Start of DATA SECTION

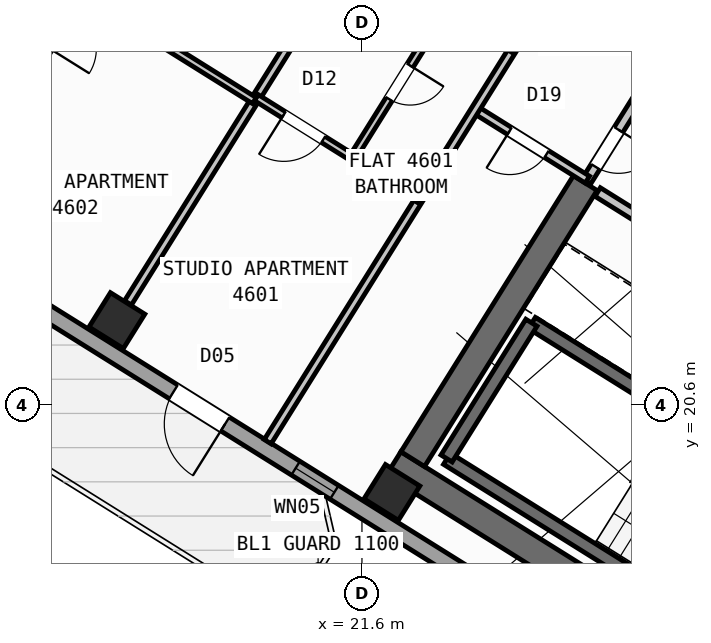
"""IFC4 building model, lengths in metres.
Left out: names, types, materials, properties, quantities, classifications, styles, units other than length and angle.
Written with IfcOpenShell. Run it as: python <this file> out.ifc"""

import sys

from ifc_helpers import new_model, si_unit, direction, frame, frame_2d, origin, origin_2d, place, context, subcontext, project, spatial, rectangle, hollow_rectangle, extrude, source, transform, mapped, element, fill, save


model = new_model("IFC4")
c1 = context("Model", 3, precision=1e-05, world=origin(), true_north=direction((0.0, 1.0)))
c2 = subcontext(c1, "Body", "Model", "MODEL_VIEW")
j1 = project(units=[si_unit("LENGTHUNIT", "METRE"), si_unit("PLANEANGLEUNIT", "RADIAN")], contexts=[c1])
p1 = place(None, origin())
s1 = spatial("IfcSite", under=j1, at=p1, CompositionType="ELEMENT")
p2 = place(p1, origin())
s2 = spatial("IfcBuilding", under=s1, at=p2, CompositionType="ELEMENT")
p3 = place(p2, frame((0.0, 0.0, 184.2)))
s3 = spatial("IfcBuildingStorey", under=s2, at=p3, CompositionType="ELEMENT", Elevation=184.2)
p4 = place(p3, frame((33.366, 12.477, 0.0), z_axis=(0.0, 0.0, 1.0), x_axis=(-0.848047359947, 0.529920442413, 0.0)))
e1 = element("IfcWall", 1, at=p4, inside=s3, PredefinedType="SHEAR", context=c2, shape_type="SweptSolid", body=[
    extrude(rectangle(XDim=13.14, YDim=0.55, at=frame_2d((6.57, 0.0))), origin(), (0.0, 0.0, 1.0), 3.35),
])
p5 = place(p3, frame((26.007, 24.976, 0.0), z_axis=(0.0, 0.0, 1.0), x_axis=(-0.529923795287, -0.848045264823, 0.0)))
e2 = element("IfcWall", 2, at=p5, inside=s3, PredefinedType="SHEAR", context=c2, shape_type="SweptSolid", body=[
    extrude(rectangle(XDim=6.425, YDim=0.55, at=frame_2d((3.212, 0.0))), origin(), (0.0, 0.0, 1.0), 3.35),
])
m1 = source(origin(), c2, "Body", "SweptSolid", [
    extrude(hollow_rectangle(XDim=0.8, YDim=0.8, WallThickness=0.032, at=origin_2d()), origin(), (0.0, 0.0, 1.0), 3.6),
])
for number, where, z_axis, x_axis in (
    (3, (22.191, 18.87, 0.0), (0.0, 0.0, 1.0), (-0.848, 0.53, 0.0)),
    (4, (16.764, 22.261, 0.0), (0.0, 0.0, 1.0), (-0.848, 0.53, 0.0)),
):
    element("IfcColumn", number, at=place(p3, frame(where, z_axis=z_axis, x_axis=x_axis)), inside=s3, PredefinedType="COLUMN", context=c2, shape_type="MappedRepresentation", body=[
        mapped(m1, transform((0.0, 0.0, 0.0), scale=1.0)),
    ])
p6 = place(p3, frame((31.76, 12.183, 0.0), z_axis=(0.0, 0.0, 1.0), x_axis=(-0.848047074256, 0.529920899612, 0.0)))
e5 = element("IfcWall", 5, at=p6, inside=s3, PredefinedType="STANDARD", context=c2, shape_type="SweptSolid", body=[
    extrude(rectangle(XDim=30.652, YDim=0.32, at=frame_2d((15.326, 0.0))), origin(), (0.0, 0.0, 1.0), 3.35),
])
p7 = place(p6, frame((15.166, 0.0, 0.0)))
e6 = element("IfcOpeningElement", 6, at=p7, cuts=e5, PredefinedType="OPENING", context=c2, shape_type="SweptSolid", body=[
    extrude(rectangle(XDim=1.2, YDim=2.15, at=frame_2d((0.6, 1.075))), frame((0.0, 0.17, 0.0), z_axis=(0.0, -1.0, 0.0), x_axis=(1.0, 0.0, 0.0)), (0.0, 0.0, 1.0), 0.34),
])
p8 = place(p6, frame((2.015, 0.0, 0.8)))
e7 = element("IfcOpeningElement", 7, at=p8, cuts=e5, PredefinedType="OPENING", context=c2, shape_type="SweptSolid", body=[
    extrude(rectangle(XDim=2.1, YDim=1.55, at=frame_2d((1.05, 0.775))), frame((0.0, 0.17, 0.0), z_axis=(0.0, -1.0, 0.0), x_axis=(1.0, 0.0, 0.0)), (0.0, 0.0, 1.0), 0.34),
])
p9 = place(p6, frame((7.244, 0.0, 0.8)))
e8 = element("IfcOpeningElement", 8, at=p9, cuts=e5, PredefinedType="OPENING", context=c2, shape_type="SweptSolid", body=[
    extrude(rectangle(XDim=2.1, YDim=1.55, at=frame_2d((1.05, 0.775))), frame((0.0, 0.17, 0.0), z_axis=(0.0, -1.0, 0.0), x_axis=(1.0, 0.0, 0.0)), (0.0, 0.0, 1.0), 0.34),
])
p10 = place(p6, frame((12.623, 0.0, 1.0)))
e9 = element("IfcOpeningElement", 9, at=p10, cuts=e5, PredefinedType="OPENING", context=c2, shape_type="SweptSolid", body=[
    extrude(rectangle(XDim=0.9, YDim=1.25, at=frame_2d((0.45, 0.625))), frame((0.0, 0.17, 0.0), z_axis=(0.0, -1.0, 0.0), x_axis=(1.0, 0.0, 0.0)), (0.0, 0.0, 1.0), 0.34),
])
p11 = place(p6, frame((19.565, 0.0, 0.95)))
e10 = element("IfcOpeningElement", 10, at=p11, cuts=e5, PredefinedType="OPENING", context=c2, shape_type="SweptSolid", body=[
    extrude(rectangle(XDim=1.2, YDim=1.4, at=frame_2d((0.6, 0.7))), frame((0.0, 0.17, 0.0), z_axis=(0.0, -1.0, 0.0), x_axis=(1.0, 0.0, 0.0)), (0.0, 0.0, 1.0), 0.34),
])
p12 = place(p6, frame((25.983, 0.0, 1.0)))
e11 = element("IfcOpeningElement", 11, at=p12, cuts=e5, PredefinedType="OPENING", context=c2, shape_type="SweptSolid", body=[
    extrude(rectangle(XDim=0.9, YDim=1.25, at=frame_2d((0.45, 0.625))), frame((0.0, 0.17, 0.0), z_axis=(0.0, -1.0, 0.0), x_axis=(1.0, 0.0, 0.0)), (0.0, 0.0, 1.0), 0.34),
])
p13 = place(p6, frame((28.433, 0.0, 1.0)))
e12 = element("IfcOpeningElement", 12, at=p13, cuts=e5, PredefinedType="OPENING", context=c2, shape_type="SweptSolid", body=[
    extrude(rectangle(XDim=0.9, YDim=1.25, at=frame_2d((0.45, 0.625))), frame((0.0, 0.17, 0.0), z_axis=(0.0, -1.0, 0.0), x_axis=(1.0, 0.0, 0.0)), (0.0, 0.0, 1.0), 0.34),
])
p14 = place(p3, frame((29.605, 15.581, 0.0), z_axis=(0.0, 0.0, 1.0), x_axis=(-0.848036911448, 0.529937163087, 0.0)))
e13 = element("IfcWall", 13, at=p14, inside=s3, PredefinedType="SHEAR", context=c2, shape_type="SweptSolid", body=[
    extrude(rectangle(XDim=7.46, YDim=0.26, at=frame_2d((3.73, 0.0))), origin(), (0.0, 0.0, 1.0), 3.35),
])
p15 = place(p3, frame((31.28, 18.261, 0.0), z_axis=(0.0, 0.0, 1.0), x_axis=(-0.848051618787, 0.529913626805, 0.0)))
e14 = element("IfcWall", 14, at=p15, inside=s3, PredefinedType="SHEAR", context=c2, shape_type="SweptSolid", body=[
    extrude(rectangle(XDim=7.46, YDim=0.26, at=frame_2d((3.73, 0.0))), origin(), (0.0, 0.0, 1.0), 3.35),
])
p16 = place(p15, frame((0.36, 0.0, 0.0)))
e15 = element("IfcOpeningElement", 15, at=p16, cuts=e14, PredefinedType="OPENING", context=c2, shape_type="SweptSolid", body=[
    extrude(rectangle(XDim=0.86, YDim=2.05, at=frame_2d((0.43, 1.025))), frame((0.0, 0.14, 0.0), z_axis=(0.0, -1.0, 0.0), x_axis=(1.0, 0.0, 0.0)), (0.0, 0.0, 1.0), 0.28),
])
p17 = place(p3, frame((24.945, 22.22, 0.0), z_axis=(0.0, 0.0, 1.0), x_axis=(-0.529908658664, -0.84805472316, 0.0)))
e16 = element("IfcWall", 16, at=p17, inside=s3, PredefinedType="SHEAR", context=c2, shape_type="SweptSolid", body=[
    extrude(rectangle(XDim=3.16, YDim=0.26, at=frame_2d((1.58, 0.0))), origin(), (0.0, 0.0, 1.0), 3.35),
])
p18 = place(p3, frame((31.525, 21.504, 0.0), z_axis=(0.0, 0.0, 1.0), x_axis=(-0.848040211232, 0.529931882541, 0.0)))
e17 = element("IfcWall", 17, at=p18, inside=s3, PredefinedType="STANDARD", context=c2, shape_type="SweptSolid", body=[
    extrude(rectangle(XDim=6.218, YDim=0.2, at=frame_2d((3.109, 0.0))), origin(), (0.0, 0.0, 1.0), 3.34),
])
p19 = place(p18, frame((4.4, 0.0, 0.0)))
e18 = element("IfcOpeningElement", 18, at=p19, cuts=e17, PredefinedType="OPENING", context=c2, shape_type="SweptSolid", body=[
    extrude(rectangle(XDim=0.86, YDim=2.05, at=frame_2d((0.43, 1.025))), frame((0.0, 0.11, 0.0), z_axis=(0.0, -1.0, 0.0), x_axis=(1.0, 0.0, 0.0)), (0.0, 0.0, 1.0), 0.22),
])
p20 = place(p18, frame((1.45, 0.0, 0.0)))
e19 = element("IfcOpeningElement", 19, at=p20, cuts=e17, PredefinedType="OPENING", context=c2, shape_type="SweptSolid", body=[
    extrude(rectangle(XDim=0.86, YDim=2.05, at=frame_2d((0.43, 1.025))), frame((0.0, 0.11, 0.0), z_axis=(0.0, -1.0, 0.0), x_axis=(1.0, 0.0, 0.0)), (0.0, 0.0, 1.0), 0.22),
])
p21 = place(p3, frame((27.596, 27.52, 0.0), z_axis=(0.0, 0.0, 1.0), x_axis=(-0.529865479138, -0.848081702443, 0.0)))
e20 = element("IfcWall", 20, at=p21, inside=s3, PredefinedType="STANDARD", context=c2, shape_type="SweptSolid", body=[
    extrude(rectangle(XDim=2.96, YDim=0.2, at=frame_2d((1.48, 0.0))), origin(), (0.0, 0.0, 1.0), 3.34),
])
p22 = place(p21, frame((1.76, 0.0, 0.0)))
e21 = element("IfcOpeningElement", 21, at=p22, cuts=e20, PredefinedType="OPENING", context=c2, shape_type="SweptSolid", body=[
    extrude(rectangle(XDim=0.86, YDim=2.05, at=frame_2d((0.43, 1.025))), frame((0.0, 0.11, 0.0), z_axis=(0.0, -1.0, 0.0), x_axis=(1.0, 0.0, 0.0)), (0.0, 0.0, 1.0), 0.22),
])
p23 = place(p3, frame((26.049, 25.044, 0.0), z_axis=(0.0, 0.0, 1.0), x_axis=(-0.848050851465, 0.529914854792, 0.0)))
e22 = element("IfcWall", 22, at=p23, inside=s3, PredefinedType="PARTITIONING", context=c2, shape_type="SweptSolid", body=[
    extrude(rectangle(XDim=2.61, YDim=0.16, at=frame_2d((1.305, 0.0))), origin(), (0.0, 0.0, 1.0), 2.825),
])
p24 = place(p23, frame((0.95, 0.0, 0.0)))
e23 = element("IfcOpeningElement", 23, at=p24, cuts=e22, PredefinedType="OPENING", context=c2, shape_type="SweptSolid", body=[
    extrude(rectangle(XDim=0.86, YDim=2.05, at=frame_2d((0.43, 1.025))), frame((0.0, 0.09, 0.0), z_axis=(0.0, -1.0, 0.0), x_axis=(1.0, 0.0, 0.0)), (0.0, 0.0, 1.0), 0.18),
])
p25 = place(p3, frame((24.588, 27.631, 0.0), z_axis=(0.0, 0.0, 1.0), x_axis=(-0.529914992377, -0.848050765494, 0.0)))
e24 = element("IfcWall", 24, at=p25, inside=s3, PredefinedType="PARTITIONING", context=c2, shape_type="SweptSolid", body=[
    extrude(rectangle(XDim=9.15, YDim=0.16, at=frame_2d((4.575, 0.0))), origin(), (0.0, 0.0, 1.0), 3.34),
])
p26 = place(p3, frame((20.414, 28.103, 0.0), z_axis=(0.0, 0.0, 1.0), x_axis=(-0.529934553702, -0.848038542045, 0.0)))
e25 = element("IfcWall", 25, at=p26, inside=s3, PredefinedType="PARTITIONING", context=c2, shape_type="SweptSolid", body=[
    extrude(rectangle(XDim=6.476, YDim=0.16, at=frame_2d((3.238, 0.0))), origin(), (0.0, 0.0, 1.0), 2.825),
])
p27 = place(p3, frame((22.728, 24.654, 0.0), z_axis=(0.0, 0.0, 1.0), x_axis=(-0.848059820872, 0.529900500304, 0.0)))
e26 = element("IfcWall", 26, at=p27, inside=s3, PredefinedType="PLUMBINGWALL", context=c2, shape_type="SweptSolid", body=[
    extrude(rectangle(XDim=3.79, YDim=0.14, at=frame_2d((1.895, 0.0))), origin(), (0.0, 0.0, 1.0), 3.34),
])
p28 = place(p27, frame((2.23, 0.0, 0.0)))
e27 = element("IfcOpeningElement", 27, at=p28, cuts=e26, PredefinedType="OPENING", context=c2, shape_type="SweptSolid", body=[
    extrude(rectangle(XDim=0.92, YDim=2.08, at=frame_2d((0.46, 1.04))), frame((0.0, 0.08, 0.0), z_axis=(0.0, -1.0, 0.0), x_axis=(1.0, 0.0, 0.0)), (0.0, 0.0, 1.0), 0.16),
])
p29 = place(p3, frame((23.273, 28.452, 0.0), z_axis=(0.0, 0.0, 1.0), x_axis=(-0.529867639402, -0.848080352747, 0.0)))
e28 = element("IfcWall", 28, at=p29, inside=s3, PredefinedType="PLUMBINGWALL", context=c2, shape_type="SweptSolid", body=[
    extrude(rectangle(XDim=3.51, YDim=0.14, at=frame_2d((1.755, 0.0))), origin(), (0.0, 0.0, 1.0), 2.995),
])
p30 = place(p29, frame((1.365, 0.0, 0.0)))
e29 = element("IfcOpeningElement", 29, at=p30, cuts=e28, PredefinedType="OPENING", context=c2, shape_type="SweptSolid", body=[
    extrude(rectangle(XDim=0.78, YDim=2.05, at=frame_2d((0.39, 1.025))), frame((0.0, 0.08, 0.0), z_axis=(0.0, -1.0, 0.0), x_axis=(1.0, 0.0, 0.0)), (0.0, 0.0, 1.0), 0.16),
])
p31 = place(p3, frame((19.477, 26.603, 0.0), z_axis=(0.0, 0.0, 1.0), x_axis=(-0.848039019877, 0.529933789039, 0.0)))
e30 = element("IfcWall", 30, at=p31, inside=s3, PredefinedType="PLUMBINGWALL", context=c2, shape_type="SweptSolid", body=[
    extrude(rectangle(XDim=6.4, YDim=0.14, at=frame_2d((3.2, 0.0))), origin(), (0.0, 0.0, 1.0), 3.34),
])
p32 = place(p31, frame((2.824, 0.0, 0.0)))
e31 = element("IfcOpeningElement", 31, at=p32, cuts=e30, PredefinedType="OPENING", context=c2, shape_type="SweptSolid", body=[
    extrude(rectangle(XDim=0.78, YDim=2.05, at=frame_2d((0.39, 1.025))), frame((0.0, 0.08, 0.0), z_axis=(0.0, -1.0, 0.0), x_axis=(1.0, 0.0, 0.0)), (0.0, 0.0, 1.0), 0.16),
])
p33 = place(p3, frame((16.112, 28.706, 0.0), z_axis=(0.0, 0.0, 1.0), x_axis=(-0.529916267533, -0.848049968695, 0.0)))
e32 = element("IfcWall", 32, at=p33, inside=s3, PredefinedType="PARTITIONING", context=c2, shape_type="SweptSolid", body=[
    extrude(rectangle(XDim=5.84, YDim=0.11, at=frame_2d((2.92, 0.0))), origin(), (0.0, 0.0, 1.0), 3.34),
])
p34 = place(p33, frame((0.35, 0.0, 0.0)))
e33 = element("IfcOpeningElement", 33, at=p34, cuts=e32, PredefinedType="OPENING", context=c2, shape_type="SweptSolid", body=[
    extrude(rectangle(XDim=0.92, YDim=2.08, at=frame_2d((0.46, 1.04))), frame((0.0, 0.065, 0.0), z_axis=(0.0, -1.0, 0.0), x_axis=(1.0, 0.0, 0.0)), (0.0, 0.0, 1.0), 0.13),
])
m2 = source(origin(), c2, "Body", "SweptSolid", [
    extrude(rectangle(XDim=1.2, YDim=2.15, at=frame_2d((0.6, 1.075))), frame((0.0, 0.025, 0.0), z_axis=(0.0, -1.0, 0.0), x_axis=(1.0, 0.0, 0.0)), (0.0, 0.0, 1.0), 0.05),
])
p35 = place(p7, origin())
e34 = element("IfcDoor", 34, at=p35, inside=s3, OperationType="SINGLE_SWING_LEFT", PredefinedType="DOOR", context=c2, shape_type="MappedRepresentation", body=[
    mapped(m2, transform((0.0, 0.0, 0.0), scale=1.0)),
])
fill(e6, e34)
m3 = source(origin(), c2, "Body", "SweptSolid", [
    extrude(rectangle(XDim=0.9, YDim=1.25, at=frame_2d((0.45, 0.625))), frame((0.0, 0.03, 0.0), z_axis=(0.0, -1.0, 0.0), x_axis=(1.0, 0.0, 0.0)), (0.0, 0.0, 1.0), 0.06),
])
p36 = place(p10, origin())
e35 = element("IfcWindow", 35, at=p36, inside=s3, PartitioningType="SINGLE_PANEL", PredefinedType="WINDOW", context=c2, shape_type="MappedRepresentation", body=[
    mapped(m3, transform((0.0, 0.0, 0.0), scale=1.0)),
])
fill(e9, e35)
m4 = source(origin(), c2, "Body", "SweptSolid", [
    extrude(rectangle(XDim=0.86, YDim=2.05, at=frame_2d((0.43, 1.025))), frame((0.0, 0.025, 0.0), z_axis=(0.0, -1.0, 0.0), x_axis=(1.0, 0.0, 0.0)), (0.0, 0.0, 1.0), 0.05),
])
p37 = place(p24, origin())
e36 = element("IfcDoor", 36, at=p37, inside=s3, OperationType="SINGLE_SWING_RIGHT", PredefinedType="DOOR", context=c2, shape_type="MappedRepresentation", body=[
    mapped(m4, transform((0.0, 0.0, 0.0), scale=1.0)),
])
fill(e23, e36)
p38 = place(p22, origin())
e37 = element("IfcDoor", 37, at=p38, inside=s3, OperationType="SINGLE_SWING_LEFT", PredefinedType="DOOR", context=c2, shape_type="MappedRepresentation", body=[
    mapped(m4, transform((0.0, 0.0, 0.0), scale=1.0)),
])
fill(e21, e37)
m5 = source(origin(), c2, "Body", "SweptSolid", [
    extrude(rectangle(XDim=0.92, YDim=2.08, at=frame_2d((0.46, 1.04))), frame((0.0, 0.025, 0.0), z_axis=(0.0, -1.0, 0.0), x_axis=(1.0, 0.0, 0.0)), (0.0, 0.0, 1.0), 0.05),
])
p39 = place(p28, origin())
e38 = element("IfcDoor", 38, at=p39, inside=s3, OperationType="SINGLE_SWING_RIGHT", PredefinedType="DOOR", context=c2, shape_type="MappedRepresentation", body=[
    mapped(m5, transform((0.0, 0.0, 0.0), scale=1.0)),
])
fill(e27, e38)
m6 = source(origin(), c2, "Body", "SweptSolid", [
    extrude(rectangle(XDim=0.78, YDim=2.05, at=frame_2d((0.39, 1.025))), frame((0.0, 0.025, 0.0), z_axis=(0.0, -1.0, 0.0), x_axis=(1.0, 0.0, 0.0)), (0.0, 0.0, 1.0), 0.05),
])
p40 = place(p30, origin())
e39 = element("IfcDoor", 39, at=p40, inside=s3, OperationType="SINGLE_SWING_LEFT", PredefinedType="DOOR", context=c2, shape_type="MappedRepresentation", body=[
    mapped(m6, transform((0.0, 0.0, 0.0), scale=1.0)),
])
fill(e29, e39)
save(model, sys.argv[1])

End of DATA SECTION

- TASK TO COMPLETE: How many lines in the records hold the string "STANDARD"? Reply with the number alone.

- TASK ANSWER: 3